Work request: Restate word for word the lines of the material below, from the line with "#153=AXIS2_PLACEMENT_3D('',#150,#151,#152);" to the line with "#166=CYLINDRICAL_SURFACE('',#165,0.9843);", both lines included, and no others.
[[ Material for this exercise open ]]
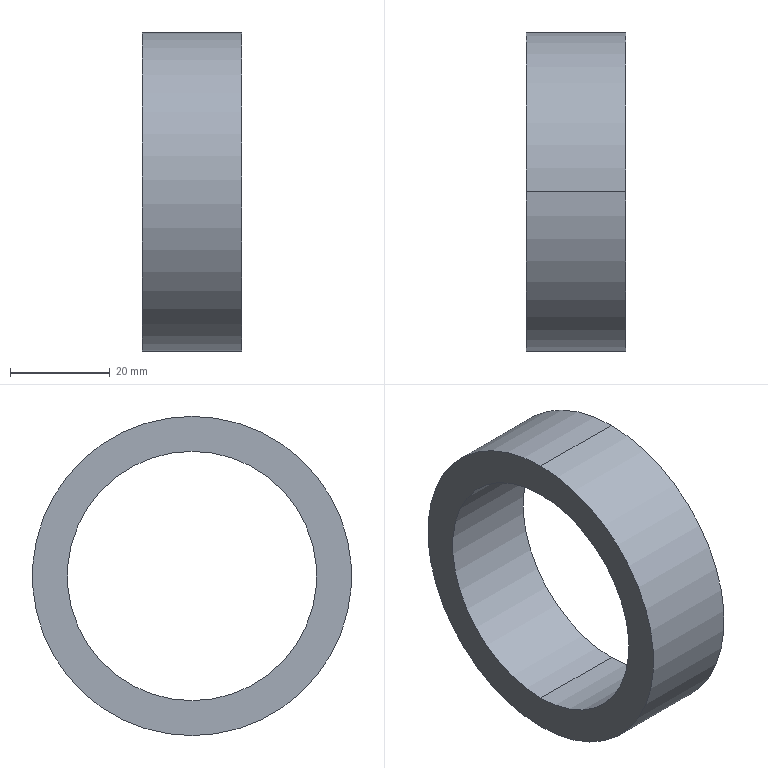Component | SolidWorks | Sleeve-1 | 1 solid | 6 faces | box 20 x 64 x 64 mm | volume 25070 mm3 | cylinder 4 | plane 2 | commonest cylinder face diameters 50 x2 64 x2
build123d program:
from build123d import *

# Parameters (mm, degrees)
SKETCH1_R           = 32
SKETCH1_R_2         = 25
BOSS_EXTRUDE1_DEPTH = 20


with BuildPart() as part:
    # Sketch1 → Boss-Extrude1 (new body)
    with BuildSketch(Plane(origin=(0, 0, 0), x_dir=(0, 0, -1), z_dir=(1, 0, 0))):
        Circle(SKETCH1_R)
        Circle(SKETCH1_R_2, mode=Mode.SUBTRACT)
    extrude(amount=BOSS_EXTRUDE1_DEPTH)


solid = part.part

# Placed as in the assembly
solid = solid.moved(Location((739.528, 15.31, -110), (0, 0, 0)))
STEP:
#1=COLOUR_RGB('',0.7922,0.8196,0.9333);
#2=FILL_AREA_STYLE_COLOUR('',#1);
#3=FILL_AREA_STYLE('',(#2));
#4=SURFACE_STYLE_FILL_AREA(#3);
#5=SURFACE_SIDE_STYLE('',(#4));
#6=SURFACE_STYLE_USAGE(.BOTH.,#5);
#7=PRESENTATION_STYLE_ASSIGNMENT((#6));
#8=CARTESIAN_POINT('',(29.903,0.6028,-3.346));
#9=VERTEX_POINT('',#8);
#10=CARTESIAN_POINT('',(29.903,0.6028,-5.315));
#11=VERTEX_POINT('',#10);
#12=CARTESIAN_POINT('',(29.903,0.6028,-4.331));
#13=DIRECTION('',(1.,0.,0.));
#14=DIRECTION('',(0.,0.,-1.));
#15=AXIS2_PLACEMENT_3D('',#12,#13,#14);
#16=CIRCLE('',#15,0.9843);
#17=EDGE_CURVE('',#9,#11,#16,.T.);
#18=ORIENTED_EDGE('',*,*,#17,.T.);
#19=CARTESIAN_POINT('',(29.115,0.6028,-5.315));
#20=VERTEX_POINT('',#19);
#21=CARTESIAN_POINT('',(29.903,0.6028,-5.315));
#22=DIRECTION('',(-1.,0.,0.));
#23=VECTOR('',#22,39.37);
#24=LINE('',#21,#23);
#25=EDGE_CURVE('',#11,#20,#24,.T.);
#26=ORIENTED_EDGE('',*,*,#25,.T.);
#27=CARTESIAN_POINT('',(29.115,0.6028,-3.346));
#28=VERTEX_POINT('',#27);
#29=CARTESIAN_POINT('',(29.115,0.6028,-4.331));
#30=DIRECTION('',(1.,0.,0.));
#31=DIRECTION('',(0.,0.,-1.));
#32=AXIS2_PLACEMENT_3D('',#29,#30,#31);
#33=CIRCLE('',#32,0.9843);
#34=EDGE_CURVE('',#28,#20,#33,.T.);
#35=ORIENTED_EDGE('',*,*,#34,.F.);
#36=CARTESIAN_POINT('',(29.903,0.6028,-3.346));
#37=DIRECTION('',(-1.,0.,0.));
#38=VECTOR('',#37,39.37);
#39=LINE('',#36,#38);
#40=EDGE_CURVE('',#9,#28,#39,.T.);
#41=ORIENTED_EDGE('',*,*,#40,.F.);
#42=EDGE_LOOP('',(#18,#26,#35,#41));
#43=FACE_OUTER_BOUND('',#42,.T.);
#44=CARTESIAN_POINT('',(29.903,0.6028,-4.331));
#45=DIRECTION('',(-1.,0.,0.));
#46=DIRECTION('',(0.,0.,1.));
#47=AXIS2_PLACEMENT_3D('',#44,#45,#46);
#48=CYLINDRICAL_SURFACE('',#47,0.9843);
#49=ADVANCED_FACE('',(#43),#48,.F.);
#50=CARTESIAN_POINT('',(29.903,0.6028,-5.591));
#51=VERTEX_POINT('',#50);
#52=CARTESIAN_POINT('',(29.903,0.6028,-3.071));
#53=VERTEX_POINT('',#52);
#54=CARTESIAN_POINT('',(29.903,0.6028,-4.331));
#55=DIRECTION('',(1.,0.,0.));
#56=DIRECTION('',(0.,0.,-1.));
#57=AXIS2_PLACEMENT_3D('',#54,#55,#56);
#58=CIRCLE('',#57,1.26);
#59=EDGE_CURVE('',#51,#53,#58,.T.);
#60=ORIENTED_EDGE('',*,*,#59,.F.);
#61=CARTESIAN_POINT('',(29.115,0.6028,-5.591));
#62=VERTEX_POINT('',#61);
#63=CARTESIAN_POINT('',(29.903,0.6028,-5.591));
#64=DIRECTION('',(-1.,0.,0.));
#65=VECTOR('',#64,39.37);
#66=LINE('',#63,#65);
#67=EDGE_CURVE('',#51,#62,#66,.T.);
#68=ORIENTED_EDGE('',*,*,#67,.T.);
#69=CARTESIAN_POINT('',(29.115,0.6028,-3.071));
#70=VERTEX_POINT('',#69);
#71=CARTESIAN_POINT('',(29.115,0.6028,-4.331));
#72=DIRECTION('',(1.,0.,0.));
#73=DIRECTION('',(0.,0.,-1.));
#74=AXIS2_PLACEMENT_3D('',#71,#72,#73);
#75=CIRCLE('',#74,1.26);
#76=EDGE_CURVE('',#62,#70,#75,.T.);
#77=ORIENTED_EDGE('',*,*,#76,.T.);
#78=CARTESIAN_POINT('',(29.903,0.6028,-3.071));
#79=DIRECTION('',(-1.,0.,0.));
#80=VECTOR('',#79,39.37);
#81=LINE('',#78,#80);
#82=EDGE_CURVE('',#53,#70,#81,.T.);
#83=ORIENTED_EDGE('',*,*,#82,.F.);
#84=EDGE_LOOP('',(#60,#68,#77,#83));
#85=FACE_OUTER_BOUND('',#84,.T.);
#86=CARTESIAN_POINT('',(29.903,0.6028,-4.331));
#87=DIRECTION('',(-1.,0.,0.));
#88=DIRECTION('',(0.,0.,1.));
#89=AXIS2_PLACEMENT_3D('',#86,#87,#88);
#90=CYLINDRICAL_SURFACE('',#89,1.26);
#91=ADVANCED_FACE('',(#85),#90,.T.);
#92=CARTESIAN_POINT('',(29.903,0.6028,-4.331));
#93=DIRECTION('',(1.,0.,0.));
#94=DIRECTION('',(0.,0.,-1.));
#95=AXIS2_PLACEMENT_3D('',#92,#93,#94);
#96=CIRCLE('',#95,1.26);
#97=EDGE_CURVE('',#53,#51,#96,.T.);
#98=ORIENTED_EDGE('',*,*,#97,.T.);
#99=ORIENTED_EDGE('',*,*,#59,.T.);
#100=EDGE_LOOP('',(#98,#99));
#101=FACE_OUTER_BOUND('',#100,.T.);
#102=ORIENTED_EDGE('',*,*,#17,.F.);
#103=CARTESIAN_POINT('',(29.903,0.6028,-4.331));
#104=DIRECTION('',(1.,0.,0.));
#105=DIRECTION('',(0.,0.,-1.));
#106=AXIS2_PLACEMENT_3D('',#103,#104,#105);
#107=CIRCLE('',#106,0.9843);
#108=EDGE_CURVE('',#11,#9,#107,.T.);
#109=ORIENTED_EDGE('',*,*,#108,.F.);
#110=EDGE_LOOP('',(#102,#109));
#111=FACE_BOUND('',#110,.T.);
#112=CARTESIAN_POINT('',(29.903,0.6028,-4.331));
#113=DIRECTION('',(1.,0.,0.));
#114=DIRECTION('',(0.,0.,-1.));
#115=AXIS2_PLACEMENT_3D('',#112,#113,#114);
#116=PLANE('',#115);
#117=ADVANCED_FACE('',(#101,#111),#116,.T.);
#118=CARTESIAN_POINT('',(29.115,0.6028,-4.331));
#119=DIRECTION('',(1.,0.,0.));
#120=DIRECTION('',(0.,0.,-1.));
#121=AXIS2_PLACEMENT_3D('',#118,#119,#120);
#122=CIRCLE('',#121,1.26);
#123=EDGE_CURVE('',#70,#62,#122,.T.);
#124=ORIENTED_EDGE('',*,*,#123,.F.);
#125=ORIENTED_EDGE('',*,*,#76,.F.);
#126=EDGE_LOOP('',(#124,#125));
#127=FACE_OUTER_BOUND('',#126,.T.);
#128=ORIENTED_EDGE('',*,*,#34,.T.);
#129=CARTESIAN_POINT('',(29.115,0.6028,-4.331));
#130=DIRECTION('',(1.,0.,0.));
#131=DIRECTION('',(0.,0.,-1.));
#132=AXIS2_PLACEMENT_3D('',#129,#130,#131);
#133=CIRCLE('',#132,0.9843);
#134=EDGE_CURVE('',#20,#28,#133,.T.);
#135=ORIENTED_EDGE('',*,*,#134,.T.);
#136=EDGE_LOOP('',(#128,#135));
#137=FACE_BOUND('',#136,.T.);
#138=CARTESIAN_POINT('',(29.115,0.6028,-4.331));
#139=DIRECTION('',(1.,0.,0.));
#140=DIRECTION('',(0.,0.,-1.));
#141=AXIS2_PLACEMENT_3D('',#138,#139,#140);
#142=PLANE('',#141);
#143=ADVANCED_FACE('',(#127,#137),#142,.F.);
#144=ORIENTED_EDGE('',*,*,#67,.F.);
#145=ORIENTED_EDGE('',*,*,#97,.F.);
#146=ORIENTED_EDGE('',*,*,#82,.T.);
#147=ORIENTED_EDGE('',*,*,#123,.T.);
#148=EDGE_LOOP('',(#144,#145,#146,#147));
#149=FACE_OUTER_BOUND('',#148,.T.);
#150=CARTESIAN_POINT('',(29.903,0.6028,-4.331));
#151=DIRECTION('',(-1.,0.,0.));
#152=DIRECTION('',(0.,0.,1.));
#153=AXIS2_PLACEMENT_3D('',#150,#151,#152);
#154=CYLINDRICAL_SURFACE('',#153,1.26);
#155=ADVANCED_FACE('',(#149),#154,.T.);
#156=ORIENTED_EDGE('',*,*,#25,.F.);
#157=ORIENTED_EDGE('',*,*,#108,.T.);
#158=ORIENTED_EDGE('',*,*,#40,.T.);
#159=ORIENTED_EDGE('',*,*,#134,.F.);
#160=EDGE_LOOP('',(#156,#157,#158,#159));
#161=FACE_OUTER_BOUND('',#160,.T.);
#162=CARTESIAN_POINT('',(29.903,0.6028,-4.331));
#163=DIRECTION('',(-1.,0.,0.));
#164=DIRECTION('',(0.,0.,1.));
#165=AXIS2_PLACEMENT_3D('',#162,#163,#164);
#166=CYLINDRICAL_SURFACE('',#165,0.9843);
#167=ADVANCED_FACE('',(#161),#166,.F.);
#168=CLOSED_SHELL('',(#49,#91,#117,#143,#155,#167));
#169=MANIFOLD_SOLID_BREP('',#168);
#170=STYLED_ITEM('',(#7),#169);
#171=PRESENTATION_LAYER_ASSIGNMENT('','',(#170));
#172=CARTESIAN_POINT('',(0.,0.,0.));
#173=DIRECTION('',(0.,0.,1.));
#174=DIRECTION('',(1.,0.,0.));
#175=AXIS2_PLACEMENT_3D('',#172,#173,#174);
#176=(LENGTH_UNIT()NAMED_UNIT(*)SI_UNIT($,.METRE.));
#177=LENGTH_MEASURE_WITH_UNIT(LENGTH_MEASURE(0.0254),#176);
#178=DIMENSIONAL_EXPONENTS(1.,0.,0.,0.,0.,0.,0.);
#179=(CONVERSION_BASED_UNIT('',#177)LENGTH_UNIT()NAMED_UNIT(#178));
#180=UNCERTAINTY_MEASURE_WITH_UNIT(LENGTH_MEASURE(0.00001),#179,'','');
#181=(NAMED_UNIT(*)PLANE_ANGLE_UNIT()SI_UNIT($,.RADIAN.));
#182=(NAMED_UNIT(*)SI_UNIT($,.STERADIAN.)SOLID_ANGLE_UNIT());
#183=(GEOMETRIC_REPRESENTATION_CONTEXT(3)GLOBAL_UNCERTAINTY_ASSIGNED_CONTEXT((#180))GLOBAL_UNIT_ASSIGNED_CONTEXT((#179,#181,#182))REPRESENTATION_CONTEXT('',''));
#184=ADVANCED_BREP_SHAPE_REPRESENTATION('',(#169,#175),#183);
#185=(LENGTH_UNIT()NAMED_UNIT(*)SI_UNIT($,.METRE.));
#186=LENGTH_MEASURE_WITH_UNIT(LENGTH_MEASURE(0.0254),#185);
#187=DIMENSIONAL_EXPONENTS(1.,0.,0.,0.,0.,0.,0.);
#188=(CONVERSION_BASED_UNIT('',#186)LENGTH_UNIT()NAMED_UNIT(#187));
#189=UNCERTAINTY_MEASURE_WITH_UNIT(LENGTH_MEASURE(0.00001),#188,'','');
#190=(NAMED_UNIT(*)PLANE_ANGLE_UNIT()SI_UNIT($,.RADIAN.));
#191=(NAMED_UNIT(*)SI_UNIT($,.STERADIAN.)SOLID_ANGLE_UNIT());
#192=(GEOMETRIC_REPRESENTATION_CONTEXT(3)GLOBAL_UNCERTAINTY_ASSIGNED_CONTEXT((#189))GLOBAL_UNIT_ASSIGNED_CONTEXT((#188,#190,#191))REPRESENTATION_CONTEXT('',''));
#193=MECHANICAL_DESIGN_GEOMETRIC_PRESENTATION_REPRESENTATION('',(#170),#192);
[[ Material for this exercise closed ]]
Task response:
#153=AXIS2_PLACEMENT_3D('',#150,#151,#152);
#154=CYLINDRICAL_SURFACE('',#153,1.26);
#155=ADVANCED_FACE('',(#149),#154,.T.);
#156=ORIENTED_EDGE('',*,*,#25,.F.);
#157=ORIENTED_EDGE('',*,*,#108,.T.);
#158=ORIENTED_EDGE('',*,*,#40,.T.);
#159=ORIENTED_EDGE('',*,*,#134,.F.);
#160=EDGE_LOOP('',(#156,#157,#158,#159));
#161=FACE_OUTER_BOUND('',#160,.T.);
#162=CARTESIAN_POINT('',(29.903,0.6028,-4.331));
#163=DIRECTION('',(-1.,0.,0.));
#164=DIRECTION('',(0.,0.,1.));
#165=AXIS2_PLACEMENT_3D('',#162,#163,#164);
#166=CYLINDRICAL_SURFACE('',#165,0.9843);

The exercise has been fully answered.